Problem description —
Take the data below and extract the lines from the one with "line L0 (220, 205.9611)" to the one with "line L5 (-220, 5.9611)", inclusive, exactly as written.

Material provided —
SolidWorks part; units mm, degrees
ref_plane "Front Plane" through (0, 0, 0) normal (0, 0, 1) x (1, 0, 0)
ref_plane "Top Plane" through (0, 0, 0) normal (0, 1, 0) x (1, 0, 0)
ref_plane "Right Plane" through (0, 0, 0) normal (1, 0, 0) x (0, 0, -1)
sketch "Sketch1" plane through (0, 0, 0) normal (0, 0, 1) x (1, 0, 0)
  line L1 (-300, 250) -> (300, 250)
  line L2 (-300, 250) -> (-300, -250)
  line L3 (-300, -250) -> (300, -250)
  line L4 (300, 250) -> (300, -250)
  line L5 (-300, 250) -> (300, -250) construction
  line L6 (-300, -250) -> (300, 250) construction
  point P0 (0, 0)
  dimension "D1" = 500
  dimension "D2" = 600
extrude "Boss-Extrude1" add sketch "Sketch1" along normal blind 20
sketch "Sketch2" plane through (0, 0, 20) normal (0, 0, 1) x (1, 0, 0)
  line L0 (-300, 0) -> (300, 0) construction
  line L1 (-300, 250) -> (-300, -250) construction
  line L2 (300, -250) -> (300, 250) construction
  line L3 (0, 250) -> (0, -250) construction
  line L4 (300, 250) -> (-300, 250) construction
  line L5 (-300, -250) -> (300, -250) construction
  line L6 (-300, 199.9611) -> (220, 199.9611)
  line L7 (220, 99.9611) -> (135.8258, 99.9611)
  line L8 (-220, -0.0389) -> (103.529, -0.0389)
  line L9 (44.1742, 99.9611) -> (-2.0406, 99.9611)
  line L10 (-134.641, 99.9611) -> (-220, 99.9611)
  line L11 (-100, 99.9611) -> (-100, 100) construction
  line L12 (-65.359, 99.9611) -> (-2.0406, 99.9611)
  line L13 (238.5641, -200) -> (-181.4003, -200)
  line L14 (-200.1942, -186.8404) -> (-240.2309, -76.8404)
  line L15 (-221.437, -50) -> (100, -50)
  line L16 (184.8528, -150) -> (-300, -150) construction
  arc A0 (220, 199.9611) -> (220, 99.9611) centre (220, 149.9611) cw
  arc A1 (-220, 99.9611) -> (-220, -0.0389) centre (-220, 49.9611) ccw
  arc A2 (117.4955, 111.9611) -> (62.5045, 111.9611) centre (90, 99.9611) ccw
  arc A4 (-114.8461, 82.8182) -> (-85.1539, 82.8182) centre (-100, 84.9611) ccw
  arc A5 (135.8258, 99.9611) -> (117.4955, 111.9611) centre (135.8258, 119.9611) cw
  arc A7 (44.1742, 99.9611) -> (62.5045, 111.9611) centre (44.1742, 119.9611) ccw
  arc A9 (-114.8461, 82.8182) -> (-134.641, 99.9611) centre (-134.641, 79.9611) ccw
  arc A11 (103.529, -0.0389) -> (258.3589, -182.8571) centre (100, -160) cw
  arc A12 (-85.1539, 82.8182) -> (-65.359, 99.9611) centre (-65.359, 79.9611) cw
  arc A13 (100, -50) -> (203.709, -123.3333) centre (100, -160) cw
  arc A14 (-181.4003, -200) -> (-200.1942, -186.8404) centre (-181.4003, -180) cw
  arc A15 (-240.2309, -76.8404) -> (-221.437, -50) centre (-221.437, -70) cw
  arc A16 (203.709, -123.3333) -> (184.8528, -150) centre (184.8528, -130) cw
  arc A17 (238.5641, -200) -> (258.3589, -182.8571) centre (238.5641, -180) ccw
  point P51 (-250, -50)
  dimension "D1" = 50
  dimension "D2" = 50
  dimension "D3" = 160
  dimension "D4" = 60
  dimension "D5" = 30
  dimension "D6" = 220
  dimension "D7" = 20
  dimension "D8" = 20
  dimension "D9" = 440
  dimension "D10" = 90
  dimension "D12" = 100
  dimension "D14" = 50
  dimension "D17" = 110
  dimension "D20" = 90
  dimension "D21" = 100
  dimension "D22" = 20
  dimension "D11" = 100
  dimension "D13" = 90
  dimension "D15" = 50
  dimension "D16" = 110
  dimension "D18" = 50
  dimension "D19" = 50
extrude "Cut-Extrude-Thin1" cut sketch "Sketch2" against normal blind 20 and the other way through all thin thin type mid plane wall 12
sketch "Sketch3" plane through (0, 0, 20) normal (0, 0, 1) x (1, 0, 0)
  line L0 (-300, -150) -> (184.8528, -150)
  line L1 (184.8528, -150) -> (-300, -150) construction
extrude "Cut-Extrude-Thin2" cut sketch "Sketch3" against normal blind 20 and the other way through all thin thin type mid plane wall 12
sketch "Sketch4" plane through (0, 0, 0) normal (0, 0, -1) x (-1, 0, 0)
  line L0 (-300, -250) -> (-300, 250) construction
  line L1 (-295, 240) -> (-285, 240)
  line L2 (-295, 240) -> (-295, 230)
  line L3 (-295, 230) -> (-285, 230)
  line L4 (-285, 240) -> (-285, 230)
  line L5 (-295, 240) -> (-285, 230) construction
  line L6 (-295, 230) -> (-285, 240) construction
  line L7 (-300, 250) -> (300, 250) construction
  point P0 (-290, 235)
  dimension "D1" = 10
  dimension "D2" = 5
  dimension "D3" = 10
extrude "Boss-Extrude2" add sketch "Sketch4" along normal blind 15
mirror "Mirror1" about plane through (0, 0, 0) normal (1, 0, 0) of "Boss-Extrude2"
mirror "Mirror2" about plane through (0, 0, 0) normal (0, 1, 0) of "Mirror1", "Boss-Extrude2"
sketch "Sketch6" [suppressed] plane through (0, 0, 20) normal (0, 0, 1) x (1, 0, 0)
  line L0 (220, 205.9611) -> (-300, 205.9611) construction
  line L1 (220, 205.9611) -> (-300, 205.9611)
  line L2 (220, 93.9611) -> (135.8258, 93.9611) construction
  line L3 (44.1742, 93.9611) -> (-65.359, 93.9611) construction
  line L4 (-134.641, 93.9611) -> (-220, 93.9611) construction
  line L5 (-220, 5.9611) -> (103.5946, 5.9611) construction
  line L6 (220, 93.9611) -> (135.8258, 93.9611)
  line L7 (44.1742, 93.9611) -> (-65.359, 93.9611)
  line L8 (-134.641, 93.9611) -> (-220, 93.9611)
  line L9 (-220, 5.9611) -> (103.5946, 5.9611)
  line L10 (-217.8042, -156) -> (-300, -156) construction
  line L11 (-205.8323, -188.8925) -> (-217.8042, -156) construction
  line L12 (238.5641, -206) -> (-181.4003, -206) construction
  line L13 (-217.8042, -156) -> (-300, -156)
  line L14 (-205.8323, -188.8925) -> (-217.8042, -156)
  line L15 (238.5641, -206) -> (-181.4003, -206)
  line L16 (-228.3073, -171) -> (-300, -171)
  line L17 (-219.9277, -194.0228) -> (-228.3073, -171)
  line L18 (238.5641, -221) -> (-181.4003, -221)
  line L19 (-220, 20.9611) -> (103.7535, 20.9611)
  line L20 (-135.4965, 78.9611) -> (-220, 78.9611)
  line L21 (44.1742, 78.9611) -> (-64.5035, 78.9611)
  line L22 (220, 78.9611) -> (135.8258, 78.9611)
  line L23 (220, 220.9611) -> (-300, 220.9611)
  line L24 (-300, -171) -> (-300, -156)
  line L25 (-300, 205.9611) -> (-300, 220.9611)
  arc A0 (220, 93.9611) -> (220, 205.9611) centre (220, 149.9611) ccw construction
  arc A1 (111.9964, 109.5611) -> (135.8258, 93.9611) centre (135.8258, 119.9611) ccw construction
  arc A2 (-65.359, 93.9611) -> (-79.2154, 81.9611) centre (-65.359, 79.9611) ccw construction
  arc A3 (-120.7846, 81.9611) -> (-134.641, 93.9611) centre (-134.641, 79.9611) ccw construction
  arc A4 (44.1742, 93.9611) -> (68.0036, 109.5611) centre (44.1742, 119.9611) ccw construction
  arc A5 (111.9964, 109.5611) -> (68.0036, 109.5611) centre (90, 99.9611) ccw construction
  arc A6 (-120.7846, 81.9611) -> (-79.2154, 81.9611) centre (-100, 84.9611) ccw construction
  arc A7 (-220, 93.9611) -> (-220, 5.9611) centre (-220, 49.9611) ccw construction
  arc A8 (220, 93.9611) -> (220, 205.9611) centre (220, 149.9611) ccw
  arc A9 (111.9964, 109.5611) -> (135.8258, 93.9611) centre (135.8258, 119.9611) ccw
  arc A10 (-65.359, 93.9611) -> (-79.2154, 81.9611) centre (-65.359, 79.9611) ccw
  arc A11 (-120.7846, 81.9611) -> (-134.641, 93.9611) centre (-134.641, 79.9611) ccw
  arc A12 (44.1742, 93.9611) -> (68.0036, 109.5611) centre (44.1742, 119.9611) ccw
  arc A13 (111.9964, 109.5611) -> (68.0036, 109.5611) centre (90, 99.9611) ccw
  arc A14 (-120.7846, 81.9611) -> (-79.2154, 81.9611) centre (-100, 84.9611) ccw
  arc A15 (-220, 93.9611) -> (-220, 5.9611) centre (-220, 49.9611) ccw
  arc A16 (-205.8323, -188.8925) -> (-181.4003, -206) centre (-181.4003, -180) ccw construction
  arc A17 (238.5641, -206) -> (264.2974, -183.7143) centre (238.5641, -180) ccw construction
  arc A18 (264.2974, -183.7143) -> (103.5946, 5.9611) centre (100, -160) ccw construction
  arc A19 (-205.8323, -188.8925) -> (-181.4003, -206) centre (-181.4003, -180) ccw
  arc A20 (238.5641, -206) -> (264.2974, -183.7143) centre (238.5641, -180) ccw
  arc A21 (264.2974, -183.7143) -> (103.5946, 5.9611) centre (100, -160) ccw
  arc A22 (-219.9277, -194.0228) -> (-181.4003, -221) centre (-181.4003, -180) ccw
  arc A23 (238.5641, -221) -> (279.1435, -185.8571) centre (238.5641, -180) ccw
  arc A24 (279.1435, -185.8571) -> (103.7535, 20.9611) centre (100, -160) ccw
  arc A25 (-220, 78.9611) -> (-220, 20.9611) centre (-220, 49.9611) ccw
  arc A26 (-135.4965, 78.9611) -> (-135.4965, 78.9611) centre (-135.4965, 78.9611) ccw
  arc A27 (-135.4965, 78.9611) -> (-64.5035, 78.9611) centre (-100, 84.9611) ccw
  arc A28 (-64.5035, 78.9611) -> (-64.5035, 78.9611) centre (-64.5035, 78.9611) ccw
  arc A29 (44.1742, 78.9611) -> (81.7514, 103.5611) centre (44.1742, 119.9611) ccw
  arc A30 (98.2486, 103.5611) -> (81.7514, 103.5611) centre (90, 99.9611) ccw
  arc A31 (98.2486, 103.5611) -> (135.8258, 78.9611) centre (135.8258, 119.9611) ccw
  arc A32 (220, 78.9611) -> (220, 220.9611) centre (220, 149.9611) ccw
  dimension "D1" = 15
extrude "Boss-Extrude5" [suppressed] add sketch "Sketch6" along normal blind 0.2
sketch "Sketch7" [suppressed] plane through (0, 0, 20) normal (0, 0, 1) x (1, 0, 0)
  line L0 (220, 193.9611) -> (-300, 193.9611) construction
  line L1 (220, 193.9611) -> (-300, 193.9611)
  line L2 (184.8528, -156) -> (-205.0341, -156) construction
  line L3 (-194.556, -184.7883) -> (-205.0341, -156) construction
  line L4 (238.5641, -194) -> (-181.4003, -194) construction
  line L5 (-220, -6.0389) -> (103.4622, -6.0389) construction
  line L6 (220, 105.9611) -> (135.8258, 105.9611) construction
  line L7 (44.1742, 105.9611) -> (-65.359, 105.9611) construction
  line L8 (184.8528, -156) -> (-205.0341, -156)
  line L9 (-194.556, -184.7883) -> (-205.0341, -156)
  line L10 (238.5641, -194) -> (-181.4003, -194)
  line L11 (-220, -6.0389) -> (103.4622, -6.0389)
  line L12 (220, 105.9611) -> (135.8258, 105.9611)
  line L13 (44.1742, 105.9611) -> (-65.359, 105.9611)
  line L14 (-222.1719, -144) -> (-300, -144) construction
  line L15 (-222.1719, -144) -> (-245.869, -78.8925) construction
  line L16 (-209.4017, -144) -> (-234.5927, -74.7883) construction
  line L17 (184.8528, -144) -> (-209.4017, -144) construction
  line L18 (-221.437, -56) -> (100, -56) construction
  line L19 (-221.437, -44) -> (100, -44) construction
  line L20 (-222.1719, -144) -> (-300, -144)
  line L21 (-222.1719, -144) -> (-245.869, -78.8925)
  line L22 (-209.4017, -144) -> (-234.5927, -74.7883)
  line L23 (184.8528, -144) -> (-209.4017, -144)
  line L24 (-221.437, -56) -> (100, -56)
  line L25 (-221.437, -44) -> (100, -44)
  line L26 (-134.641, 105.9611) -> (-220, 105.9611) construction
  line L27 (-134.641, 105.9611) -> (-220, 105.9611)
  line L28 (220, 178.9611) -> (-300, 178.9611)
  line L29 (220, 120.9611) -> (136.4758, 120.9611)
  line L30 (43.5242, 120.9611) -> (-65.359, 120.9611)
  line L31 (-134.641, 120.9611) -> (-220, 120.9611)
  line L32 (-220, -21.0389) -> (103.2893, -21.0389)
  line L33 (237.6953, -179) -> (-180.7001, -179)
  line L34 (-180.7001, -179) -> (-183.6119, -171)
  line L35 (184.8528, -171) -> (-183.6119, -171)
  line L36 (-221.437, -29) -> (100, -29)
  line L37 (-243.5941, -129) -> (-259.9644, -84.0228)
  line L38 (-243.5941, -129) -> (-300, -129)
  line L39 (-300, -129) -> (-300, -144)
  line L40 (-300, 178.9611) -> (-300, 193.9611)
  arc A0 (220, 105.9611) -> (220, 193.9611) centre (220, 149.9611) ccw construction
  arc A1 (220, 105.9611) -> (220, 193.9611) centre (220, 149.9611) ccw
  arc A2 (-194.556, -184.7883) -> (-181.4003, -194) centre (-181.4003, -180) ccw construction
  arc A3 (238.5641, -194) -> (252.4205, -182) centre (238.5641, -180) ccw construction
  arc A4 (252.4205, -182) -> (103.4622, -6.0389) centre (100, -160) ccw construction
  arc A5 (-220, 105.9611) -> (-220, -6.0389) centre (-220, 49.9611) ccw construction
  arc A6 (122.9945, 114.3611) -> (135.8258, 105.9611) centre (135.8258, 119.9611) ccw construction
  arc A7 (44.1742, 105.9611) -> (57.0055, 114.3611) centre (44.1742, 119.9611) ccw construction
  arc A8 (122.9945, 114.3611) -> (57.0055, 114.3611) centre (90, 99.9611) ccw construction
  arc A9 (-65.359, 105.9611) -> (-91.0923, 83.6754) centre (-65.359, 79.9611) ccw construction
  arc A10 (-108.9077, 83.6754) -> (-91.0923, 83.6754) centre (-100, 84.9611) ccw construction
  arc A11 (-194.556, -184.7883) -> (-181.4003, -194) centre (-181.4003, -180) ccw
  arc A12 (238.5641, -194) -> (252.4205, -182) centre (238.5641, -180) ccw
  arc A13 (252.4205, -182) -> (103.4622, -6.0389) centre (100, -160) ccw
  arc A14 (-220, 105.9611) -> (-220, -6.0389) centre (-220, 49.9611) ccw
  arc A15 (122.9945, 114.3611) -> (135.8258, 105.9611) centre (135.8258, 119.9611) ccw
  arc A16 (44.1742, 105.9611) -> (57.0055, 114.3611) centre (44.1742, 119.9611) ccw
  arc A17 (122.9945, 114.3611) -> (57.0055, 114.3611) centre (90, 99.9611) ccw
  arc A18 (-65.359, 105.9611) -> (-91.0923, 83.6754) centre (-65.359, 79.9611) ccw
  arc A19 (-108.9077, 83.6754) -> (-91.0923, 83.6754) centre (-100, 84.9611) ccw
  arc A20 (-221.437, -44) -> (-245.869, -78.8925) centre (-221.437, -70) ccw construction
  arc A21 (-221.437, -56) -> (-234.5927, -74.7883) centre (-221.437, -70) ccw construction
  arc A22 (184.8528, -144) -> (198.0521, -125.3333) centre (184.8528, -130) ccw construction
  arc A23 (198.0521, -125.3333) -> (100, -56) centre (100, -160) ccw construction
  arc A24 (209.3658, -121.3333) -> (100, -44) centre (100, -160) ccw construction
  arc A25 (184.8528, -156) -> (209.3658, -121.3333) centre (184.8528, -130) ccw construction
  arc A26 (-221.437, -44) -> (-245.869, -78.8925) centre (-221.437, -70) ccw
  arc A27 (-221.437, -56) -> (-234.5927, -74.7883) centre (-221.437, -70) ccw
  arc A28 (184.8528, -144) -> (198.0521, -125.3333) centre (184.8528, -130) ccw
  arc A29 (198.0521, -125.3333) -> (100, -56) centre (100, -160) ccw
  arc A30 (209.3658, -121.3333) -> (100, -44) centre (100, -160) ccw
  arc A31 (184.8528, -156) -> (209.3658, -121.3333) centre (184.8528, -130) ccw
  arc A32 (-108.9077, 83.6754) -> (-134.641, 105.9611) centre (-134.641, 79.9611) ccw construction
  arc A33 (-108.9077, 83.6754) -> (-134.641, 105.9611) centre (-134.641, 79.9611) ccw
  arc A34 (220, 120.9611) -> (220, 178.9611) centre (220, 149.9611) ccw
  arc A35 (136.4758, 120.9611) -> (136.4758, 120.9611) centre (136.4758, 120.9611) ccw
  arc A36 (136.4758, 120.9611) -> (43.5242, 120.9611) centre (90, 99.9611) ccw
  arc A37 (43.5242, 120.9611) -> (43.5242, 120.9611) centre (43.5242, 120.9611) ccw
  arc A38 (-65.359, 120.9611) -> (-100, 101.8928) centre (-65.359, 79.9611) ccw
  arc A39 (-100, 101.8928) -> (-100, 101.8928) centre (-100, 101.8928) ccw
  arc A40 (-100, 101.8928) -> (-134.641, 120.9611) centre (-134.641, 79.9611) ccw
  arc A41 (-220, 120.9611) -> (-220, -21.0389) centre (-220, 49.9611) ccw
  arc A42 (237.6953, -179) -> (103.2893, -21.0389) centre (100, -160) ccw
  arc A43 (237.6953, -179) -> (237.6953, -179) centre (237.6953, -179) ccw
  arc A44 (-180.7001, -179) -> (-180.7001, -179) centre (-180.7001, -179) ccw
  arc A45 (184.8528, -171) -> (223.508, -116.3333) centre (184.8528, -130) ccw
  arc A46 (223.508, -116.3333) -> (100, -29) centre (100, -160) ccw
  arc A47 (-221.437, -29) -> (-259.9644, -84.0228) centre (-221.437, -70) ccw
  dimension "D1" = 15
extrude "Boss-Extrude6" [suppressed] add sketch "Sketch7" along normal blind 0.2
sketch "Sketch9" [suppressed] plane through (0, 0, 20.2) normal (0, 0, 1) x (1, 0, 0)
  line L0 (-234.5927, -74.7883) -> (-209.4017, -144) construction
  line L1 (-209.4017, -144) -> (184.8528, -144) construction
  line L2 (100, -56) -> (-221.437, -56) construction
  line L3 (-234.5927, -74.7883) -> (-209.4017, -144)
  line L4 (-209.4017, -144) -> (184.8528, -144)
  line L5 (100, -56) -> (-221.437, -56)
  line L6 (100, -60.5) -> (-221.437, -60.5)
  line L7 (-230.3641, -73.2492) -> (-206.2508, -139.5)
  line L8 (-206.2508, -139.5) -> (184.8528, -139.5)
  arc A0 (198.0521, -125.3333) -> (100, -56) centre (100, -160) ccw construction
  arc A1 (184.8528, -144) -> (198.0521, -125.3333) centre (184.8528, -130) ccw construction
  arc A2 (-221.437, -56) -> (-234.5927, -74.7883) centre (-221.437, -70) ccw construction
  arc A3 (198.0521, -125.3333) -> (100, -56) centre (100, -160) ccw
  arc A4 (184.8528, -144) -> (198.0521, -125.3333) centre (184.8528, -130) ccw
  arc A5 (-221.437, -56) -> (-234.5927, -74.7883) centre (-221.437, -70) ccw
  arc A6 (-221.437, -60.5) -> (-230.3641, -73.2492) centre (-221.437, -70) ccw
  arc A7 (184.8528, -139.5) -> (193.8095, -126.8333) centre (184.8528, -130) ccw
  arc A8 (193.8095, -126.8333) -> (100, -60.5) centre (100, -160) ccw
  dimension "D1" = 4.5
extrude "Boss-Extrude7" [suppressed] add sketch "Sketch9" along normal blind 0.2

Exercise result —
  line L0 (220, 205.9611) -> (-300, 205.9611) construction
  line L1 (220, 205.9611) -> (-300, 205.9611)
  line L2 (220, 93.9611) -> (135.8258, 93.9611) construction
  line L3 (44.1742, 93.9611) -> (-65.359, 93.9611) construction
  line L4 (-134.641, 93.9611) -> (-220, 93.9611) construction
  line L5 (-220, 5.9611) -> (103.5946, 5.9611) construction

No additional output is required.